## TASK:
Only the lines from the top of the listing below through the line containing "p2 = place(p1, origin())" should be output, exactly and with no pictures.

## AVAILABLE DATA:
____________

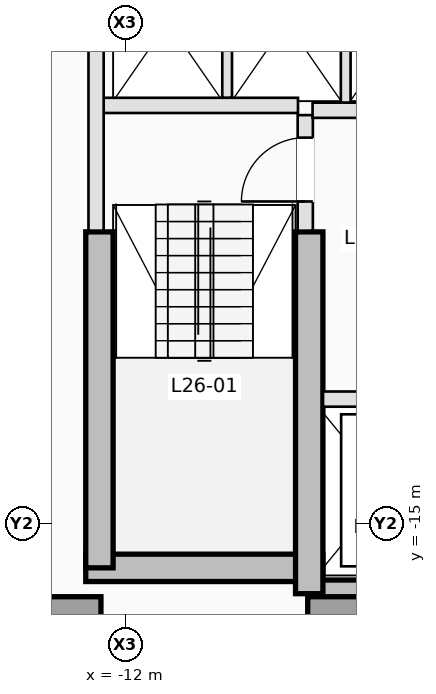
"""IFC4 building model, lengths in metres.
Left out: names, types, materials, properties, quantities, classifications, styles, units other than length and angle.
Written with IfcOpenShell. Run it as: python <this file> out.ifc"""

import sys

from ifc_helpers import new_model, si_unit, direction, frame, frame_2d, origin, origin_2d, place, context, subcontext, project, spatial, rectangle, extrude, element, fill, save


model = new_model("IFC4")
c1 = context("Model", 3, precision=1e-05, world=origin(), true_north=direction((0.0, 1.0)))
c2 = subcontext(c1, "Body", "Model", "MODEL_VIEW")
j1 = project(units=[si_unit("LENGTHUNIT", "METRE"), si_unit("PLANEANGLEUNIT", "RADIAN")], contexts=[c1])
p1 = place(None, origin())
s1 = spatial("IfcSite", under=j1, at=p1, CompositionType="ELEMENT")
p2 = place(p1, origin())
s2 = spatial("IfcBuilding", under=s1, at=p2, CompositionType="ELEMENT")
p3 = place(p2, frame((0.0, 0.0, 98.5)))
s3 = spatial("IfcBuildingStorey", under=s2, at=p3, CompositionType="ELEMENT", Elevation=98.5)
p4 = place(p3, frame((-12.65, -15.725, 0.0), z_axis=(0.0, 0.0, 1.0), x_axis=(1.0, 0.0, 0.0)))
e1 = element("IfcWall", 1, at=p4, inside=s3, PredefinedType="SHEAR", context=c2, shape_type="SweptSolid", body=[
    extrude(rectangle(XDim=3.9, YDim=0.45, at=frame_2d((1.95, 0.0))), origin(), (0.0, 0.0, 1.0), 3.5),
])
p5 = place(p3, frame((-8.975, -16.15, 0.0), z_axis=(0.0, 0.0, 1.0), x_axis=(1.0, 0.0, 0.0)))
e2 = element("IfcWall", 2, at=p5, inside=s3, PredefinedType="SHEAR", context=c2, shape_type="SweptSolid", body=[
    extrude(rectangle(XDim=5.225, YDim=0.45, at=frame_2d((2.613, 0.0))), origin(), (0.0, 0.0, 1.0), 3.5),
])
p6 = place(p3, frame((-12.425, -15.725, 0.0), z_axis=(0.0, 0.0, 1.0), x_axis=(0.0, 1.0, 0.0)))
e3 = element("IfcWall", 3, at=p6, inside=s3, PredefinedType="SHEAR", context=c2, shape_type="SweptSolid", body=[
    extrude(rectangle(XDim=5.525, YDim=0.45, at=frame_2d((2.763, 0.0))), origin(), (0.0, 0.0, 1.0), 3.5),
])
p7 = place(p3, frame((-8.975, -16.15, 0.0), z_axis=(0.0, 0.0, 1.0), x_axis=(0.0, 1.0, 0.0)))
e4 = element("IfcWall", 4, at=p7, inside=s3, PredefinedType="SHEAR", context=c2, shape_type="SweptSolid", body=[
    extrude(rectangle(XDim=5.95, YDim=0.45, at=frame_2d((2.975, 0.0))), origin(), (0.0, 0.0, 1.0), 3.5),
])
for number, where, z_axis, x_axis in (
    (5, (-12.95, -16.75, 0.0), (0.0, 0.0, 1.0), (1.0, 0.0, 0.0)),
    (6, (-8.45, -16.75, 0.0), (0.0, 0.0, 1.0), (1.0, 0.0, 0.0)),
):
    element("IfcColumn", number, at=place(p3, frame(where, z_axis=z_axis, x_axis=x_axis)), inside=s3, PredefinedType="COLUMN", context=c2, shape_type="SweptSolid", body=[
        extrude(rectangle(XDim=1.1, YDim=1.1, at=origin_2d()), origin(), (0.0, 0.0, 1.0), 3.5),
    ])
p8 = place(p3, frame((-9.04, -10.18, 0.0), z_axis=(0.0, 0.0, 1.0), x_axis=(0.0, 1.0, 0.0)))
e7 = element("IfcWall", 7, at=p8, inside=s3, PredefinedType="PARTITIONING", context=c2, shape_type="SweptSolid", body=[
    extrude(rectangle(XDim=1.9, YDim=0.25, at=frame_2d((0.95, 0.0))), origin(), (0.0, 0.0, 1.0), 3.25),
])
p9 = place(p8, frame((0.48, 0.0, 0.0)))
e8 = element("IfcOpeningElement", 8, at=p9, cuts=e7, PredefinedType="OPENING", context=c2, shape_type="SweptSolid", body=[
    extrude(rectangle(XDim=1.05, YDim=2.15, at=frame_2d((0.525, 1.075))), frame((0.0, 0.135, 0.0), z_axis=(0.0, -1.0, 0.0), x_axis=(1.0, 0.0, 0.0)), (0.0, 0.0, 1.0), 0.27),
])
p10 = place(p3, frame((-12.38, -8.12, 0.0), z_axis=(0.0, 0.0, 1.0), x_axis=(1.0, 0.0, 0.0)))
e9 = element("IfcWall", 9, at=p10, inside=s3, PredefinedType="PARTITIONING", context=c2, shape_type="SweptSolid", body=[
    extrude(rectangle(XDim=3.22, YDim=0.25, at=frame_2d((1.61, 0.0))), origin(), (0.0, 0.0, 1.0), 3.25),
])
p11 = place(p3, frame((-12.48, -10.18, 0.0), z_axis=(0.0, 0.0, 1.0), x_axis=(0.0, 1.0, 0.0)))
e10 = element("IfcWall", 10, at=p11, inside=s3, PredefinedType="PARTITIONING", context=c2, shape_type="SweptSolid", body=[
    extrude(rectangle(XDim=4.828, YDim=0.25, at=frame_2d((2.414, 0.0))), origin(), (0.0, 0.0, 1.0), 3.25),
])
p12 = place(p3, frame((-8.748, -12.95, 0.0), z_axis=(0.0, 0.0, 1.0), x_axis=(1.0, 0.0, 0.0)))
e11 = element("IfcWall", 11, at=p12, inside=s3, PredefinedType="PARTITIONING", context=c2, shape_type="SweptSolid", body=[
    extrude(rectangle(XDim=5.068, YDim=0.25, at=frame_2d((2.534, 0.0))), origin(), (0.0, 0.0, 1.0), 3.25),
])
p13 = place(p12, frame((0.648, 0.0, 0.0)))
e12 = element("IfcOpeningElement", 12, at=p13, cuts=e11, PredefinedType="OPENING", context=c2, shape_type="SweptSolid", body=[
    extrude(rectangle(XDim=1.1, YDim=2.15, at=frame_2d((0.55, 1.075))), frame((0.0, 0.135, 0.0), z_axis=(0.0, -1.0, 0.0), x_axis=(1.0, 0.0, 0.0)), (0.0, 0.0, 1.0), 0.27),
])
p14 = place(p12, frame((2.548, 0.0, 0.0)))
e13 = element("IfcOpeningElement", 13, at=p14, cuts=e11, PredefinedType="OPENING", context=c2, shape_type="SweptSolid", body=[
    extrude(rectangle(XDim=0.88, YDim=2.1, at=frame_2d((0.44, 1.05))), frame((0.0, 0.135, 0.0), z_axis=(0.0, -1.0, 0.0), x_axis=(1.0, 0.0, 0.0)), (0.0, 0.0, 1.0), 0.27),
])
p15 = place(p12, frame((3.948, 0.0, 0.0)))
e14 = element("IfcOpeningElement", 14, at=p15, cuts=e11, PredefinedType="OPENING", context=c2, shape_type="SweptSolid", body=[
    extrude(rectangle(XDim=0.88, YDim=2.1, at=frame_2d((0.44, 1.05))), frame((0.0, 0.135, 0.0), z_axis=(0.0, -1.0, 0.0), x_axis=(1.0, 0.0, 0.0)), (0.0, 0.0, 1.0), 0.27),
])
p16 = place(p3, frame((-8.92, -8.2, 0.0), z_axis=(0.0, 0.0, 1.0), x_axis=(1.0, 0.0, 0.0)))
e15 = element("IfcWall", 15, at=p16, inside=s3, PredefinedType="PARTITIONING", context=c2, shape_type="SweptSolid", body=[
    extrude(rectangle(XDim=5.24, YDim=0.25, at=frame_2d((2.62, 0.0))), origin(), (0.0, 0.0, 1.0), 3.25),
])
p17 = place(p3, frame((-10.325, -7.993, 0.0), z_axis=(0.0, 0.0, 1.0), x_axis=(0.0, 1.0, 0.0)))
e16 = element("IfcWall", 16, at=p17, inside=s3, PredefinedType="PARTITIONING", context=c2, shape_type="SweptSolid", body=[
    extrude(rectangle(XDim=2.653, YDim=0.16, at=frame_2d((1.326, 0.0))), origin(), (0.0, 0.0, 1.0), 3.25),
])
p18 = place(p3, frame((-8.375, -8.073, 0.0), z_axis=(0.0, 0.0, 1.0), x_axis=(0.0, 1.0, 0.0)))
e17 = element("IfcWall", 17, at=p18, inside=s3, PredefinedType="PARTITIONING", context=c2, shape_type="SweptSolid", body=[
    extrude(rectangle(XDim=2.733, YDim=0.16, at=frame_2d((1.366, 0.0))), origin(), (0.0, 0.0, 1.0), 3.25),
])
p19 = place(p9, origin())
e18 = element("IfcDoor", 18, at=p19, inside=s3, OperationType="SINGLE_SWING_LEFT", PredefinedType="DOOR", context=c2, shape_type="SweptSolid", body=[
    extrude(rectangle(XDim=1.05, YDim=2.15, at=frame_2d((0.525, 1.075))), frame((0.0, 0.025, 0.0), z_axis=(0.0, -1.0, 0.0), x_axis=(1.0, 0.0, 0.0)), (0.0, 0.0, 1.0), 0.05),
])
fill(e8, e18)
save(model, sys.argv[1])

____________

## WRITTEN SOLUTION:
"""IFC4 building model, lengths in metres.
Left out: names, types, materials, properties, quantities, classifications, styles, units other than length and angle.
Written with IfcOpenShell. Run it as: python <this file> out.ifc"""

import sys

from ifc_helpers import new_model, si_unit, direction, frame, frame_2d, origin, origin_2d, place, context, subcontext, project, spatial, rectangle, extrude, element, fill, save


model = new_model("IFC4")
c1 = context("Model", 3, precision=1e-05, world=origin(), true_north=direction((0.0, 1.0)))
c2 = subcontext(c1, "Body", "Model", "MODEL_VIEW")
j1 = project(units=[si_unit("LENGTHUNIT", "METRE"), si_unit("PLANEANGLEUNIT", "RADIAN")], contexts=[c1])
p1 = place(None, origin())
s1 = spatial("IfcSite", under=j1, at=p1, CompositionType="ELEMENT")
p2 = place(p1, origin())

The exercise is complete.